[DATASET RECORDS — start]
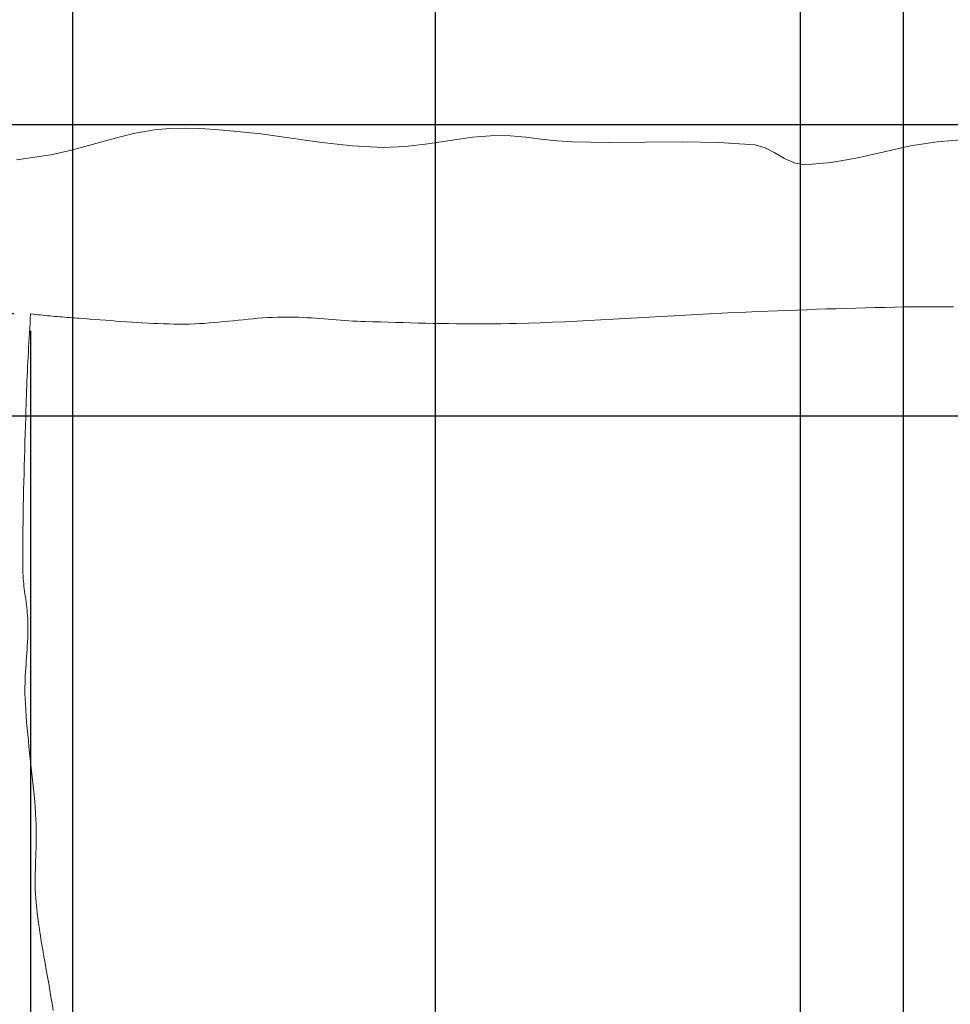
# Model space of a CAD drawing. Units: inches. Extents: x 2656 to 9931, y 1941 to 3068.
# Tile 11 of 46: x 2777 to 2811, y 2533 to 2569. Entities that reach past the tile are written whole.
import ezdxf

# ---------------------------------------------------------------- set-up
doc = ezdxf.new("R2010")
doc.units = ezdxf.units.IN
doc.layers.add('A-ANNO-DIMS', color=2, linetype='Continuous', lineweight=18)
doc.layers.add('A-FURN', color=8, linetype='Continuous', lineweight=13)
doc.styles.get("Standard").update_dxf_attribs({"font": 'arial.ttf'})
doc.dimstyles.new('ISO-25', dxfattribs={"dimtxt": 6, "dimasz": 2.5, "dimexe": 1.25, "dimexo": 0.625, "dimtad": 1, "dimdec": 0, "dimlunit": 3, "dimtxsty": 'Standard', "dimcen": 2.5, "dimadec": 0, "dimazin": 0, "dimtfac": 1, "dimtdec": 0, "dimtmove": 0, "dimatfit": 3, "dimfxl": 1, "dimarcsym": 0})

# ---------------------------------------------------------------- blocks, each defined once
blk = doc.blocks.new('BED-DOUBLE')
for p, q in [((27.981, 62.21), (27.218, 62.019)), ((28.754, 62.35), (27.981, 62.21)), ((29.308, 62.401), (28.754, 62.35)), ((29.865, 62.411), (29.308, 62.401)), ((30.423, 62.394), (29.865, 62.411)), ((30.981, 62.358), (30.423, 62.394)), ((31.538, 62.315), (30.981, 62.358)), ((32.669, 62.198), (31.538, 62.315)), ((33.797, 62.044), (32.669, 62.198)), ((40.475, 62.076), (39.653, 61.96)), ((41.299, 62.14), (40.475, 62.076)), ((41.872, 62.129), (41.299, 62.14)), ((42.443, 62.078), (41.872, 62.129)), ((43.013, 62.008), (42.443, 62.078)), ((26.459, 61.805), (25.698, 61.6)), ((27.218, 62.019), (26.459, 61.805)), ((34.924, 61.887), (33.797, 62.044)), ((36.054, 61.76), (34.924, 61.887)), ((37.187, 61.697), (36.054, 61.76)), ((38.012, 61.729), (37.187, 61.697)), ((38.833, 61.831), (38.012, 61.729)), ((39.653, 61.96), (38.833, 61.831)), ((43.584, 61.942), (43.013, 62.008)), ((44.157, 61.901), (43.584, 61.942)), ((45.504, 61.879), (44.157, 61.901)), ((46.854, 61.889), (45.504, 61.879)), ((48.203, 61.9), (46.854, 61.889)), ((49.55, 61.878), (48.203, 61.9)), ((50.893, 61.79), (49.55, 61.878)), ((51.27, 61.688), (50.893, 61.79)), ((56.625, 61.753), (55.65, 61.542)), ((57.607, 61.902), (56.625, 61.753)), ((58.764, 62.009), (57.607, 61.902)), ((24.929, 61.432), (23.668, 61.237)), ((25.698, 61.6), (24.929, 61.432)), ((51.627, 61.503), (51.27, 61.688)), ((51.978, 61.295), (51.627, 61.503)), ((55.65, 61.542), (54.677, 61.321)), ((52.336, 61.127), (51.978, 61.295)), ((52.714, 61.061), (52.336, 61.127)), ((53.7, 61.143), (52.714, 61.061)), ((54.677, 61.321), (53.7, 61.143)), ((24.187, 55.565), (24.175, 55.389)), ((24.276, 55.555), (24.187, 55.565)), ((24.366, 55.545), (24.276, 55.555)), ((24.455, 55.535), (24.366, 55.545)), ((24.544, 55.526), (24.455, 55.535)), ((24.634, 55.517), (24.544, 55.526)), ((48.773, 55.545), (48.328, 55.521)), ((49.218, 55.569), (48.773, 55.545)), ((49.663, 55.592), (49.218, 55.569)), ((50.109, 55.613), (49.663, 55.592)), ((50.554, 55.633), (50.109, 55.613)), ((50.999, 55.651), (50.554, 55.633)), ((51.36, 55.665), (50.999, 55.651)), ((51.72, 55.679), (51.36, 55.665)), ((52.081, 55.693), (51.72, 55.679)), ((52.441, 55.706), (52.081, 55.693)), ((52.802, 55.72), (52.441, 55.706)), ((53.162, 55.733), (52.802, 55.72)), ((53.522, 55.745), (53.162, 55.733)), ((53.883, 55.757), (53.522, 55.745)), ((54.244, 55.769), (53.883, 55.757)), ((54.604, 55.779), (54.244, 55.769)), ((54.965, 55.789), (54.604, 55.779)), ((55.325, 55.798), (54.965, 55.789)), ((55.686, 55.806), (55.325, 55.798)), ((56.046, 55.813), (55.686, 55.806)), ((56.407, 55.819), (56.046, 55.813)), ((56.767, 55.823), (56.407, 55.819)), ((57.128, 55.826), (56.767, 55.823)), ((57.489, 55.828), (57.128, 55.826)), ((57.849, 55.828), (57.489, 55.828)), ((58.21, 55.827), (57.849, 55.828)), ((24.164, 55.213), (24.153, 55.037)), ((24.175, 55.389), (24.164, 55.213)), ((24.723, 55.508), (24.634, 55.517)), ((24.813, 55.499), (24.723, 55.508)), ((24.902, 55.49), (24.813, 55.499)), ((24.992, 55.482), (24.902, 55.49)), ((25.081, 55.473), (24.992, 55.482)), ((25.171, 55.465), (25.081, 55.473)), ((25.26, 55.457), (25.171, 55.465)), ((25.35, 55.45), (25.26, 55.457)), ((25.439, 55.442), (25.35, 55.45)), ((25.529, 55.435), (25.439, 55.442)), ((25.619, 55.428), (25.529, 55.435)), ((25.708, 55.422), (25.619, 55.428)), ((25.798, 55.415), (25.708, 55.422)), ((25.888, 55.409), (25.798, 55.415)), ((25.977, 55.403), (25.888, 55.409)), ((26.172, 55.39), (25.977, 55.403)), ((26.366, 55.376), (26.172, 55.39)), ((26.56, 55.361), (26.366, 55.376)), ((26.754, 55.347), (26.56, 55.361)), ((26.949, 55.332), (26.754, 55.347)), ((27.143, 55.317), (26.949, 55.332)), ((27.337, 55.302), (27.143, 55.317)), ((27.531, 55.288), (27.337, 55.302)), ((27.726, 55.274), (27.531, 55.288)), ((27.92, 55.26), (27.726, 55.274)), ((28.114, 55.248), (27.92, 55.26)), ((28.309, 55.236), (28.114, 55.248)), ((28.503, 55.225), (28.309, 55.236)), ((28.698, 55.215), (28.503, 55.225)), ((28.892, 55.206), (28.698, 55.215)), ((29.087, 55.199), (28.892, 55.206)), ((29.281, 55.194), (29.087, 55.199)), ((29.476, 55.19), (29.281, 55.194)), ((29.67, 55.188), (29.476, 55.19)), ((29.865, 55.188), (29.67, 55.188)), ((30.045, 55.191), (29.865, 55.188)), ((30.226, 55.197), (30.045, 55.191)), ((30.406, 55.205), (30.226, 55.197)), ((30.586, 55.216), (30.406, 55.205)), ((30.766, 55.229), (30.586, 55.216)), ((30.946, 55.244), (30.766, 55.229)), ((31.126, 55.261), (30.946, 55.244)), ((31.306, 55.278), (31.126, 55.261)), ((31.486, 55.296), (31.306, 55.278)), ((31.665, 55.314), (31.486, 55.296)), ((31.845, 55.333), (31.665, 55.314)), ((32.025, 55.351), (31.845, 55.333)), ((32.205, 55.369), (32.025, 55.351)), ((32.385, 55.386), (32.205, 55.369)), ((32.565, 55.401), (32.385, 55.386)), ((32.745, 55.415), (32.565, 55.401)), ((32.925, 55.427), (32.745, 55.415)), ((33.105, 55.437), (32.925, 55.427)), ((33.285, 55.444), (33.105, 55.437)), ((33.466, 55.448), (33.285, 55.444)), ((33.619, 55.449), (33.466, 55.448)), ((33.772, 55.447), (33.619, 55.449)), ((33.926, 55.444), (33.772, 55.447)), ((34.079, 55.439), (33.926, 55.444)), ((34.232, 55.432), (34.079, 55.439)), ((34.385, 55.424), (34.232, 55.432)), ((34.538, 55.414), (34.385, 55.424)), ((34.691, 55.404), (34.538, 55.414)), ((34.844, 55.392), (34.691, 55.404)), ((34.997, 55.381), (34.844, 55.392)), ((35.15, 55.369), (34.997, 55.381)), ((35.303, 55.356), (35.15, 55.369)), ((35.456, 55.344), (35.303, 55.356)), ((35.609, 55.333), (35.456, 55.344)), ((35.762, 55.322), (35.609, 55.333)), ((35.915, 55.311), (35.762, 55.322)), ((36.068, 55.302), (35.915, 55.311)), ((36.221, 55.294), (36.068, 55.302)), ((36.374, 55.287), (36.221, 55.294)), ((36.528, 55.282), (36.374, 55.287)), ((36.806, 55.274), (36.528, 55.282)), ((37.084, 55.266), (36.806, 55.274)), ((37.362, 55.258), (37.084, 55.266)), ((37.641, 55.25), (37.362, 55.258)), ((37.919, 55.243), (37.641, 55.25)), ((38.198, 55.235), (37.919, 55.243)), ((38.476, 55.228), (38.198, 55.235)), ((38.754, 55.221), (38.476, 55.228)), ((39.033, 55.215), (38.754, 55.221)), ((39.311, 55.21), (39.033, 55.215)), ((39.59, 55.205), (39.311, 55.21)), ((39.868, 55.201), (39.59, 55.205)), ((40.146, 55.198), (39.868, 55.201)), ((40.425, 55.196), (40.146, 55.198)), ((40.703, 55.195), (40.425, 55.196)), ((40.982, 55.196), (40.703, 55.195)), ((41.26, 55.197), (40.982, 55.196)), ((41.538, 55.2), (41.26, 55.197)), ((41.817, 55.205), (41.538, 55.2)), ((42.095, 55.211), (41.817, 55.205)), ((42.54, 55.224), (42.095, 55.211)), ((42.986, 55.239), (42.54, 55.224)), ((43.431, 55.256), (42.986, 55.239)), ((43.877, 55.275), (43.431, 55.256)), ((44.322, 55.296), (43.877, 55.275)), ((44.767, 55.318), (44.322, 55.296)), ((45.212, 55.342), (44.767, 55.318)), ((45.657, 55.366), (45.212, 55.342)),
[DATASET RECORDS — finish]
WHAT THE TASK REQUIRES —
Could you set down, exactly as written, every line from the start of the records above through the line containing "blk = doc.blocks.new('BED-DOUBLE')", leaving the pictures out?

ANSWER BOX —
# Model space of a CAD drawing. Units: inches. Extents: x 2656 to 9931, y 1941 to 3068.
# Tile 11 of 46: x 2777 to 2811, y 2533 to 2569. Entities that reach past the tile are written whole.
import ezdxf

# ---------------------------------------------------------------- set-up
doc = ezdxf.new("R2010")
doc.units = ezdxf.units.IN
doc.layers.add('A-ANNO-DIMS', color=2, linetype='Continuous', lineweight=18)
doc.layers.add('A-FURN', color=8, linetype='Continuous', lineweight=13)
doc.styles.get("Standard").update_dxf_attribs({"font": 'arial.ttf'})
doc.dimstyles.new('ISO-25', dxfattribs={"dimtxt": 6, "dimasz": 2.5, "dimexe": 1.25, "dimexo": 0.625, "dimtad": 1, "dimdec": 0, "dimlunit": 3, "dimtxsty": 'Standard', "dimcen": 2.5, "dimadec": 0, "dimazin": 0, "dimtfac": 1, "dimtdec": 0, "dimtmove": 0, "dimatfit": 3, "dimfxl": 1, "dimarcsym": 0})

# ---------------------------------------------------------------- blocks, each defined once
blk = doc.blocks.new('BED-DOUBLE')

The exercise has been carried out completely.